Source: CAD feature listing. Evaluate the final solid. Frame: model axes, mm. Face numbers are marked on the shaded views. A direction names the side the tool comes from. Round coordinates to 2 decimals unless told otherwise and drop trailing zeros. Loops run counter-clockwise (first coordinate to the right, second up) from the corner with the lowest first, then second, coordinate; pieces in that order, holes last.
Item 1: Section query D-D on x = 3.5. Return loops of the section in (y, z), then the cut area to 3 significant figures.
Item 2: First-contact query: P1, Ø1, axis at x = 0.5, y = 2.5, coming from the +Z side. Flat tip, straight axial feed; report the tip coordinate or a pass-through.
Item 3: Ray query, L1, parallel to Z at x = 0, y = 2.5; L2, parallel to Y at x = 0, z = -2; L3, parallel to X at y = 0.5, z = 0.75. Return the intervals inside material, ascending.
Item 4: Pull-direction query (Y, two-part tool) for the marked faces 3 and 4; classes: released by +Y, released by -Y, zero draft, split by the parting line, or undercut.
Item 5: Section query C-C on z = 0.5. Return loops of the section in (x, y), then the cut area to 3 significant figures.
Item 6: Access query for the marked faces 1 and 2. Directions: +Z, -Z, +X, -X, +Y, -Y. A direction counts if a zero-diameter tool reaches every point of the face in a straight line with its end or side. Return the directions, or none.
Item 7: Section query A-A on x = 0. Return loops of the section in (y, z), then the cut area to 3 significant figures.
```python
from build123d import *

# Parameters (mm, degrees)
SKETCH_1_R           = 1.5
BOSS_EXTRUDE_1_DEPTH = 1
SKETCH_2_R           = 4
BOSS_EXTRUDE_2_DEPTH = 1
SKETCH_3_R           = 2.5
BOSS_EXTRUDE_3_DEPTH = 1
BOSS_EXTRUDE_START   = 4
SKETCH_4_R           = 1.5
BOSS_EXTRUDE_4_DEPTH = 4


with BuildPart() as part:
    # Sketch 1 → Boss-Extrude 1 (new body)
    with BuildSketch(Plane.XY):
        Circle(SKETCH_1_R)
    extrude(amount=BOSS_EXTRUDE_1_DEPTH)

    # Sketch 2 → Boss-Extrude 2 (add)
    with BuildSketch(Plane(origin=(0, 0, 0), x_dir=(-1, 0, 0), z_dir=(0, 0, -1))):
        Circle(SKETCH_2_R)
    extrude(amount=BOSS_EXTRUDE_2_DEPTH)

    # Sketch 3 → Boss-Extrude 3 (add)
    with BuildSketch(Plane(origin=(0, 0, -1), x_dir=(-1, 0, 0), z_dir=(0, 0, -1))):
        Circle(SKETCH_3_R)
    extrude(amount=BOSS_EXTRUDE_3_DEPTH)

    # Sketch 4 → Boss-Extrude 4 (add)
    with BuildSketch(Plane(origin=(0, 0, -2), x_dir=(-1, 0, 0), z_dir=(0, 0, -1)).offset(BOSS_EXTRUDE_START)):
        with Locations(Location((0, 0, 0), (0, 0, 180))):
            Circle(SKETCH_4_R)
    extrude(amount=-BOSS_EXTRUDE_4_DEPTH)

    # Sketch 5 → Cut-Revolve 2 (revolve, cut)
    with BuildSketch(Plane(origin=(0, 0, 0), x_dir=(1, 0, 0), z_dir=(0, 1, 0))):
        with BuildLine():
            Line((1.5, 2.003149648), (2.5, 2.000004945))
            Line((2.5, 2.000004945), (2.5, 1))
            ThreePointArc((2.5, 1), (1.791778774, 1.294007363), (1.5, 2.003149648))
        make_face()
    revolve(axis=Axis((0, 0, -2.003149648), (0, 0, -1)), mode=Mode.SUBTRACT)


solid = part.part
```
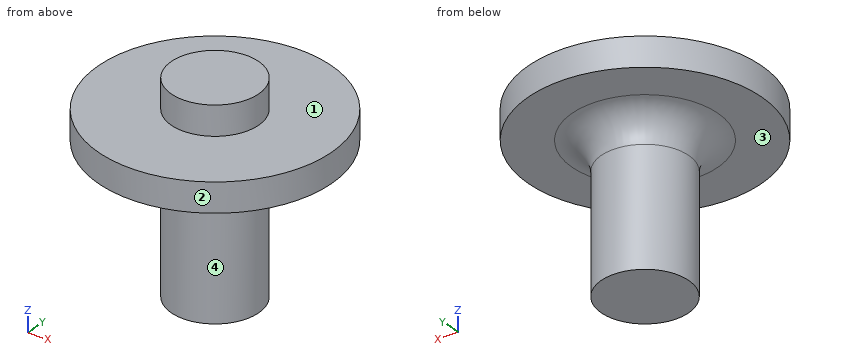
Data:
1. outline: (-1.94, -1) - (1.94, -1) - (1.94, 0) - (-1.94, 0) - close
1. area: 3.87 mm2
2. P1: stops at z = 0
3. L1: z = -1 to 0
3. L2: y = -1.5 to 1.5
3. L3: x = -1.41 to 1.41
4. face 3: zero draft
4. face 4: split by the parting line
5. outline: circle Ø3 at (0, 0)
5. area: 7.07 mm2
6. face 1: +Z
6. face 2: +Z, -Z
7. outline: (-4, -1) - (-2.5, -1) arc R1 cw to (-1.5, -2) - (-1.5, -6) - (1.5, -6) - (1.5, -2) arc R1 cw to (2.5, -1) - (4, -1) - (4, 0) - (1.5, 0) - (1.5, 1) - (-1.5, 1) - (-1.5, 0) - (-4, 0) - close
7. area: 26.4 mm2

========

- _TO DO_
Without the pictures, give all of the entries above again exactly.

- _SOLUTION_
Source: CAD feature listing. Evaluate the final solid. Frame: model axes, mm. Face numbers are marked on the shaded views. A direction names the side the tool comes from. Round coordinates to 2 decimals unless told otherwise and drop trailing zeros. Loops run counter-clockwise (first coordinate to the right, second up) from the corner with the lowest first, then second, coordinate; pieces in that order, holes last.
Item 1: Section query D-D on x = 3.5. Return loops of the section in (y, z), then the cut area to 3 significant figures.
Item 2: First-contact query: P1, Ø1, axis at x = 0.5, y = 2.5, coming from the +Z side. Flat tip, straight axial feed; report the tip coordinate or a pass-through.
Item 3: Ray query, L1, parallel to Z at x = 0, y = 2.5; L2, parallel to Y at x = 0, z = -2; L3, parallel to X at y = 0.5, z = 0.75. Return the intervals inside material, ascending.
Item 4: Pull-direction query (Y, two-part tool) for the marked faces 3 and 4; classes: released by +Y, released by -Y, zero draft, split by the parting line, or undercut.
Item 5: Section query C-C on z = 0.5. Return loops of the section in (x, y), then the cut area to 3 significant figures.
Item 6: Access query for the marked faces 1 and 2. Directions: +Z, -Z, +X, -X, +Y, -Y. A direction counts if a zero-diameter tool reaches every point of the face in a straight line with its end or side. Return the directions, or none.
Item 7: Section query A-A on x = 0. Return loops of the section in (y, z), then the cut area to 3 significant figures.
```python
from build123d import *

# Parameters (mm, degrees)
SKETCH_1_R           = 1.5
BOSS_EXTRUDE_1_DEPTH = 1
SKETCH_2_R           = 4
BOSS_EXTRUDE_2_DEPTH = 1
SKETCH_3_R           = 2.5
BOSS_EXTRUDE_3_DEPTH = 1
BOSS_EXTRUDE_START   = 4
SKETCH_4_R           = 1.5
BOSS_EXTRUDE_4_DEPTH = 4


with BuildPart() as part:
    # Sketch 1 → Boss-Extrude 1 (new body)
    with BuildSketch(Plane.XY):
        Circle(SKETCH_1_R)
    extrude(amount=BOSS_EXTRUDE_1_DEPTH)

    # Sketch 2 → Boss-Extrude 2 (add)
    with BuildSketch(Plane(origin=(0, 0, 0), x_dir=(-1, 0, 0), z_dir=(0, 0, -1))):
        Circle(SKETCH_2_R)
    extrude(amount=BOSS_EXTRUDE_2_DEPTH)

    # Sketch 3 → Boss-Extrude 3 (add)
    with BuildSketch(Plane(origin=(0, 0, -1), x_dir=(-1, 0, 0), z_dir=(0, 0, -1))):
        Circle(SKETCH_3_R)
    extrude(amount=BOSS_EXTRUDE_3_DEPTH)

    # Sketch 4 → Boss-Extrude 4 (add)
    with BuildSketch(Plane(origin=(0, 0, -2), x_dir=(-1, 0, 0), z_dir=(0, 0, -1)).offset(BOSS_EXTRUDE_START)):
        with Locations(Location((0, 0, 0), (0, 0, 180))):
            Circle(SKETCH_4_R)
    extrude(amount=-BOSS_EXTRUDE_4_DEPTH)

    # Sketch 5 → Cut-Revolve 2 (revolve, cut)
    with BuildSketch(Plane(origin=(0, 0, 0), x_dir=(1, 0, 0), z_dir=(0, 1, 0))):
        with BuildLine():
            Line((1.5, 2.003149648), (2.5, 2.000004945))
            Line((2.5, 2.000004945), (2.5, 1))
            ThreePointArc((2.5, 1), (1.791778774, 1.294007363), (1.5, 2.003149648))
        make_face()
    revolve(axis=Axis((0, 0, -2.003149648), (0, 0, -1)), mode=Mode.SUBTRACT)


solid = part.part
```
Data:
1. outline: (-1.94, -1) - (1.94, -1) - (1.94, 0) - (-1.94, 0) - close
1. area: 3.87 mm2
2. P1: stops at z = 0
3. L1: z = -1 to 0
3. L2: y = -1.5 to 1.5
3. L3: x = -1.41 to 1.41
4. face 3: zero draft
4. face 4: split by the parting line
5. outline: circle Ø3 at (0, 0)
5. area: 7.07 mm2
6. face 1: +Z
6. face 2: +Z, -Z
7. outline: (-4, -1) - (-2.5, -1) arc R1 cw to (-1.5, -2) - (-1.5, -6) - (1.5, -6) - (1.5, -2) arc R1 cw to (2.5, -1) - (4, -1) - (4, 0) - (1.5, 0) - (1.5, 1) - (-1.5, 1) - (-1.5, 0) - (-4, 0) - close
7. area: 26.4 mm2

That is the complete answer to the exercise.